The problem |
Every line of the listing below is to be repeated exactly; the pictures stay out.
(Material for this task)
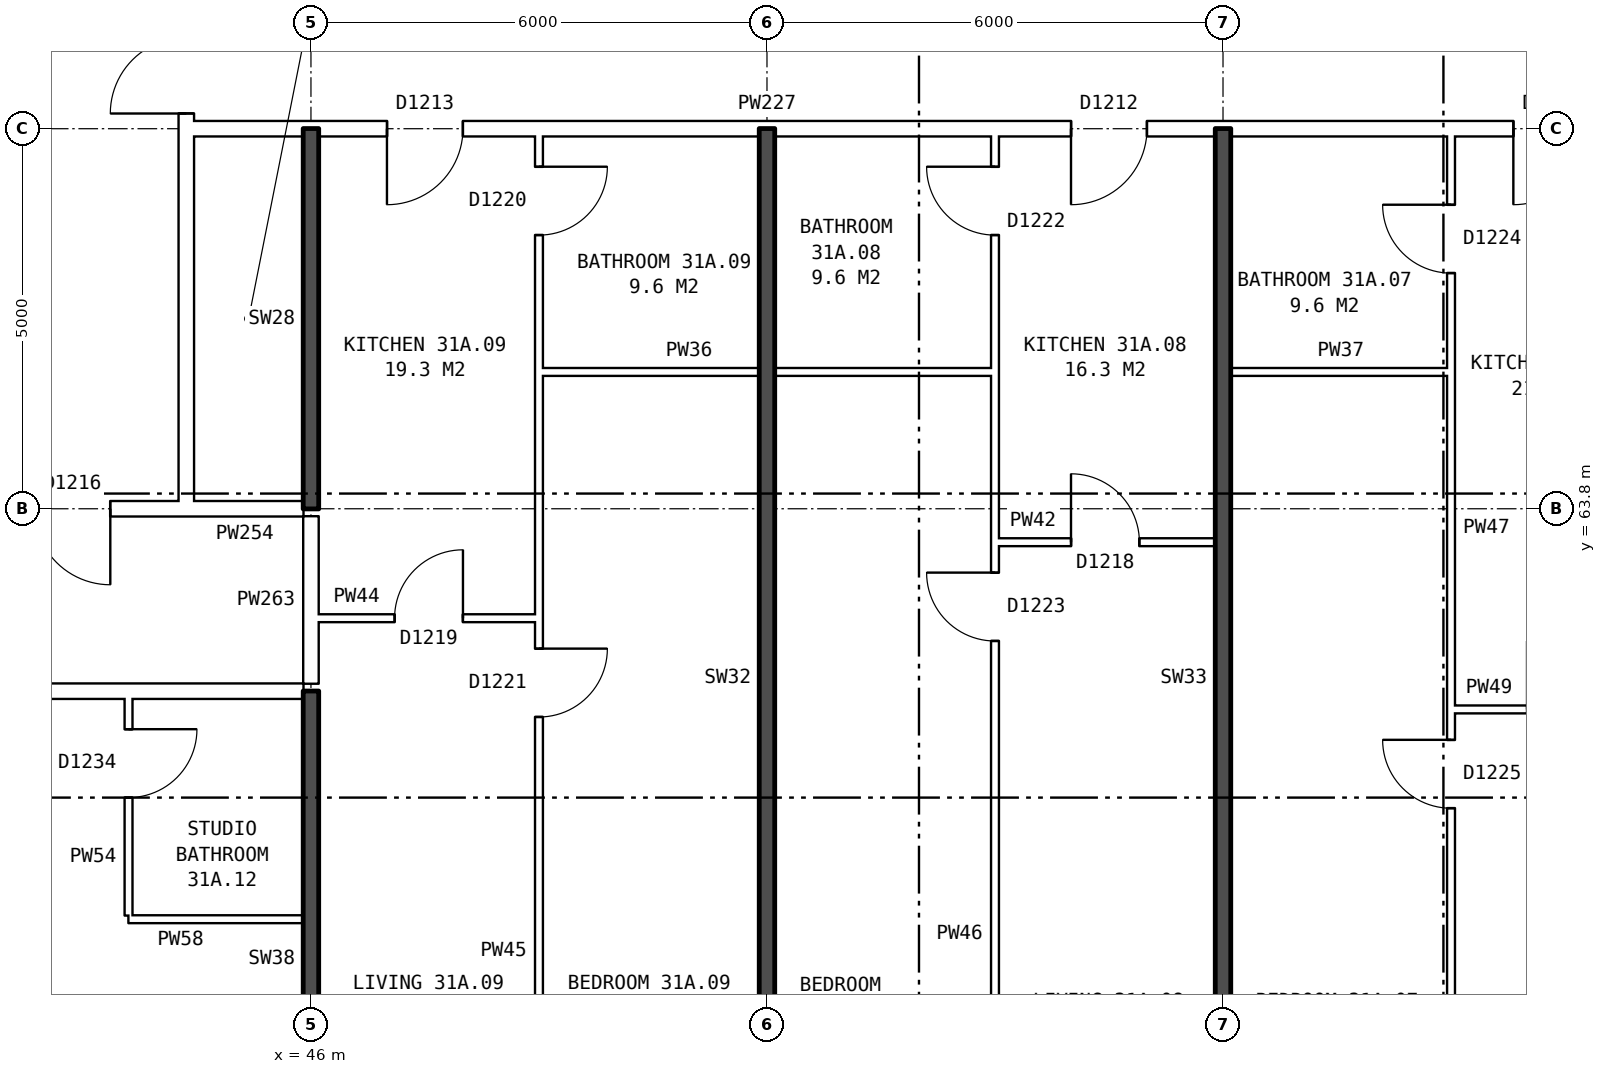
"""IFC4 building model, lengths in metres.
Left out: names, types, materials, properties, quantities, classifications, styles, units other than length and angle.
Written with IfcOpenShell. Run it as: python <this file> out.ifc"""

import sys

from ifc_helpers import new_model, si_unit, direction, frame, frame_2d, origin, place, context, subcontext, project, spatial, rectangle, extrude, element, fill, save


model = new_model("IFC4")
c1 = context("Model", 3, precision=1e-05, world=origin(), true_north=direction((0.0, 1.0)))
c2 = subcontext(c1, "Body", "Model", "MODEL_VIEW")
j1 = project(units=[si_unit("LENGTHUNIT", "METRE"), si_unit("PLANEANGLEUNIT", "RADIAN")], contexts=[c1])
p1 = place(None, origin())
s1 = spatial("IfcSite", under=j1, at=p1, CompositionType="ELEMENT")
p2 = place(p1, origin())
s2 = spatial("IfcBuilding", under=s1, at=p2, CompositionType="ELEMENT")
p3 = place(p2, frame((0.0, 0.0, 111.9)))
s3 = spatial("IfcBuildingStorey", under=s2, at=p3, CompositionType="ELEMENT", Elevation=111.9)
p4 = place(p3, frame((44.36, 63.9, 0.0), z_axis=(0.0, 0.0, 1.0), x_axis=(0.0, 1.0, 0.0)))
e1 = element("IfcWall", 1, at=p4, inside=s3, PredefinedType="PARTITIONING", context=c2, shape_type="SweptSolid", body=[
    extrude(rectangle(XDim=12.2, YDim=0.2, at=frame_2d((6.1, 0.0))), origin(), (0.0, 0.0, 1.0), 2.85),
])
p5 = place(p4, frame((5.1, 0.0, 0.0)))
e2 = element("IfcOpeningElement", 2, at=p5, cuts=e1, PredefinedType="OPENING", context=c2, shape_type="SweptSolid", body=[
    extrude(rectangle(XDim=2.0, YDim=2.1, at=frame_2d((1.0, 1.05))), frame((0.0, 0.11, 0.0), z_axis=(0.0, -1.0, 0.0), x_axis=(1.0, 0.0, 0.0)), (0.0, 0.0, 1.0), 0.22),
])
p6 = place(p3, frame((43.6, 58.4, 0.0), z_axis=(0.0, 0.0, 1.0), x_axis=(1.0, 0.0, 0.0)))
e3 = element("IfcWall", 3, at=p6, inside=s3, PredefinedType="PARTITIONING", context=c2, shape_type="SweptSolid", body=[
    extrude(rectangle(XDim=2.3, YDim=0.1, at=frame_2d((1.15, 0.0))), origin(), (0.0, 0.0, 1.0), 2.85),
])
p7 = place(p3, frame((61.0, 61.16, 0.0), z_axis=(0.0, 0.0, 1.0), x_axis=(1.0, 0.0, 0.0)))
e4 = element("IfcWall", 4, at=p7, inside=s3, PredefinedType="PARTITIONING", context=c2, shape_type="SweptSolid", body=[
    extrude(rectangle(XDim=2.9, YDim=0.1, at=frame_2d((1.45, 0.0))), origin(), (0.0, 0.0, 1.0), 2.85),
])
p8 = place(p7, frame((1.0, 0.0, 0.0)))
e5 = element("IfcOpeningElement", 5, at=p8, cuts=e4, PredefinedType="OPENING", context=c2, shape_type="SweptSolid", body=[
    extrude(rectangle(XDim=0.9, YDim=2.1, at=frame_2d((0.45, 1.05))), frame((0.0, 0.06, 0.0), z_axis=(0.0, -1.0, 0.0), x_axis=(1.0, 0.0, 0.0)), (0.0, 0.0, 1.0), 0.12),
])
p9 = place(p3, frame((25.36, 61.4, 0.0), z_axis=(0.0, 0.0, 1.0), x_axis=(1.0, 0.0, 0.0)))
e6 = element("IfcWall", 6, at=p9, inside=s3, PredefinedType="PARTITIONING", context=c2, shape_type="SweptSolid", body=[
    extrude(rectangle(XDim=20.54, YDim=0.2, at=frame_2d((10.27, 0.0))), origin(), (0.0, 0.0, 1.0), 2.85),
])
p10 = place(p9, frame((15.94, 0.0, 0.0)))
e7 = element("IfcOpeningElement", 7, at=p10, cuts=e6, PredefinedType="OPENING", context=c2, shape_type="SweptSolid", body=[
    extrude(rectangle(XDim=1.0, YDim=2.1, at=frame_2d((0.5, 1.05))), frame((0.0, 0.11, 0.0), z_axis=(0.0, -1.0, 0.0), x_axis=(1.0, 0.0, 0.0)), (0.0, 0.0, 1.0), 0.22),
])
p11 = place(p9, frame((9.94, 0.0, 0.0)))
e8 = element("IfcOpeningElement", 8, at=p11, cuts=e6, PredefinedType="OPENING", context=c2, shape_type="SweptSolid", body=[
    extrude(rectangle(XDim=1.0, YDim=2.1, at=frame_2d((0.5, 1.05))), frame((0.0, 0.11, 0.0), z_axis=(0.0, -1.0, 0.0), x_axis=(1.0, 0.0, 0.0)), (0.0, 0.0, 1.0), 0.22),
])
p12 = place(p9, frame((2.62, 0.0, 0.0)))
e9 = element("IfcOpeningElement", 9, at=p12, cuts=e6, PredefinedType="OPENING", context=c2, shape_type="SweptSolid", body=[
    extrude(rectangle(XDim=1.0, YDim=2.1, at=frame_2d((0.5, 1.05))), frame((0.0, 0.11, 0.0), z_axis=(0.0, -1.0, 0.0), x_axis=(1.0, 0.0, 0.0)), (0.0, 0.0, 1.0), 0.22),
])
(End Material for this task)
Reply to the task |
"""IFC4 building model, lengths in metres.
Left out: names, types, materials, properties, quantities, classifications, styles, units other than length and angle.
Written with IfcOpenShell. Run it as: python <this file> out.ifc"""

import sys

from ifc_helpers import new_model, si_unit, direction, frame, frame_2d, origin, place, context, subcontext, project, spatial, rectangle, extrude, element, fill, save


model = new_model("IFC4")
c1 = context("Model", 3, precision=1e-05, world=origin(), true_north=direction((0.0, 1.0)))
c2 = subcontext(c1, "Body", "Model", "MODEL_VIEW")
j1 = project(units=[si_unit("LENGTHUNIT", "METRE"), si_unit("PLANEANGLEUNIT", "RADIAN")], contexts=[c1])
p1 = place(None, origin())
s1 = spatial("IfcSite", under=j1, at=p1, CompositionType="ELEMENT")
p2 = place(p1, origin())
s2 = spatial("IfcBuilding", under=s1, at=p2, CompositionType="ELEMENT")
p3 = place(p2, frame((0.0, 0.0, 111.9)))
s3 = spatial("IfcBuildingStorey", under=s2, at=p3, CompositionType="ELEMENT", Elevation=111.9)
p4 = place(p3, frame((44.36, 63.9, 0.0), z_axis=(0.0, 0.0, 1.0), x_axis=(0.0, 1.0, 0.0)))
e1 = element("IfcWall", 1, at=p4, inside=s3, PredefinedType="PARTITIONING", context=c2, shape_type="SweptSolid", body=[
    extrude(rectangle(XDim=12.2, YDim=0.2, at=frame_2d((6.1, 0.0))), origin(), (0.0, 0.0, 1.0), 2.85),
])
p5 = place(p4, frame((5.1, 0.0, 0.0)))
e2 = element("IfcOpeningElement", 2, at=p5, cuts=e1, PredefinedType="OPENING", context=c2, shape_type="SweptSolid", body=[
    extrude(rectangle(XDim=2.0, YDim=2.1, at=frame_2d((1.0, 1.05))), frame((0.0, 0.11, 0.0), z_axis=(0.0, -1.0, 0.0), x_axis=(1.0, 0.0, 0.0)), (0.0, 0.0, 1.0), 0.22),
])
p6 = place(p3, frame((43.6, 58.4, 0.0), z_axis=(0.0, 0.0, 1.0), x_axis=(1.0, 0.0, 0.0)))
e3 = element("IfcWall", 3, at=p6, inside=s3, PredefinedType="PARTITIONING", context=c2, shape_type="SweptSolid", body=[
    extrude(rectangle(XDim=2.3, YDim=0.1, at=frame_2d((1.15, 0.0))), origin(), (0.0, 0.0, 1.0), 2.85),
])
p7 = place(p3, frame((61.0, 61.16, 0.0), z_axis=(0.0, 0.0, 1.0), x_axis=(1.0, 0.0, 0.0)))
e4 = element("IfcWall", 4, at=p7, inside=s3, PredefinedType="PARTITIONING", context=c2, shape_type="SweptSolid", body=[
    extrude(rectangle(XDim=2.9, YDim=0.1, at=frame_2d((1.45, 0.0))), origin(), (0.0, 0.0, 1.0), 2.85),
])
p8 = place(p7, frame((1.0, 0.0, 0.0)))
e5 = element("IfcOpeningElement", 5, at=p8, cuts=e4, PredefinedType="OPENING", context=c2, shape_type="SweptSolid", body=[
    extrude(rectangle(XDim=0.9, YDim=2.1, at=frame_2d((0.45, 1.05))), frame((0.0, 0.06, 0.0), z_axis=(0.0, -1.0, 0.0), x_axis=(1.0, 0.0, 0.0)), (0.0, 0.0, 1.0), 0.12),
])
p9 = place(p3, frame((25.36, 61.4, 0.0), z_axis=(0.0, 0.0, 1.0), x_axis=(1.0, 0.0, 0.0)))
e6 = element("IfcWall", 6, at=p9, inside=s3, PredefinedType="PARTITIONING", context=c2, shape_type="SweptSolid", body=[
    extrude(rectangle(XDim=20.54, YDim=0.2, at=frame_2d((10.27, 0.0))), origin(), (0.0, 0.0, 1.0), 2.85),
])
p10 = place(p9, frame((15.94, 0.0, 0.0)))
e7 = element("IfcOpeningElement", 7, at=p10, cuts=e6, PredefinedType="OPENING", context=c2, shape_type="SweptSolid", body=[
    extrude(rectangle(XDim=1.0, YDim=2.1, at=frame_2d((0.5, 1.05))), frame((0.0, 0.11, 0.0), z_axis=(0.0, -1.0, 0.0), x_axis=(1.0, 0.0, 0.0)), (0.0, 0.0, 1.0), 0.22),
])
p11 = place(p9, frame((9.94, 0.0, 0.0)))
e8 = element("IfcOpeningElement", 8, at=p11, cuts=e6, PredefinedType="OPENING", context=c2, shape_type="SweptSolid", body=[
    extrude(rectangle(XDim=1.0, YDim=2.1, at=frame_2d((0.5, 1.05))), frame((0.0, 0.11, 0.0), z_axis=(0.0, -1.0, 0.0), x_axis=(1.0, 0.0, 0.0)), (0.0, 0.0, 1.0), 0.22),
])
p12 = place(p9, frame((2.62, 0.0, 0.0)))
e9 = element("IfcOpeningElement", 9, at=p12, cuts=e6, PredefinedType="OPENING", context=c2, shape_type="SweptSolid", body=[
    extrude(rectangle(XDim=1.0, YDim=2.1, at=frame_2d((0.5, 1.05))), frame((0.0, 0.11, 0.0), z_axis=(0.0, -1.0, 0.0), x_axis=(1.0, 0.0, 0.0)), (0.0, 0.0, 1.0), 0.22),
])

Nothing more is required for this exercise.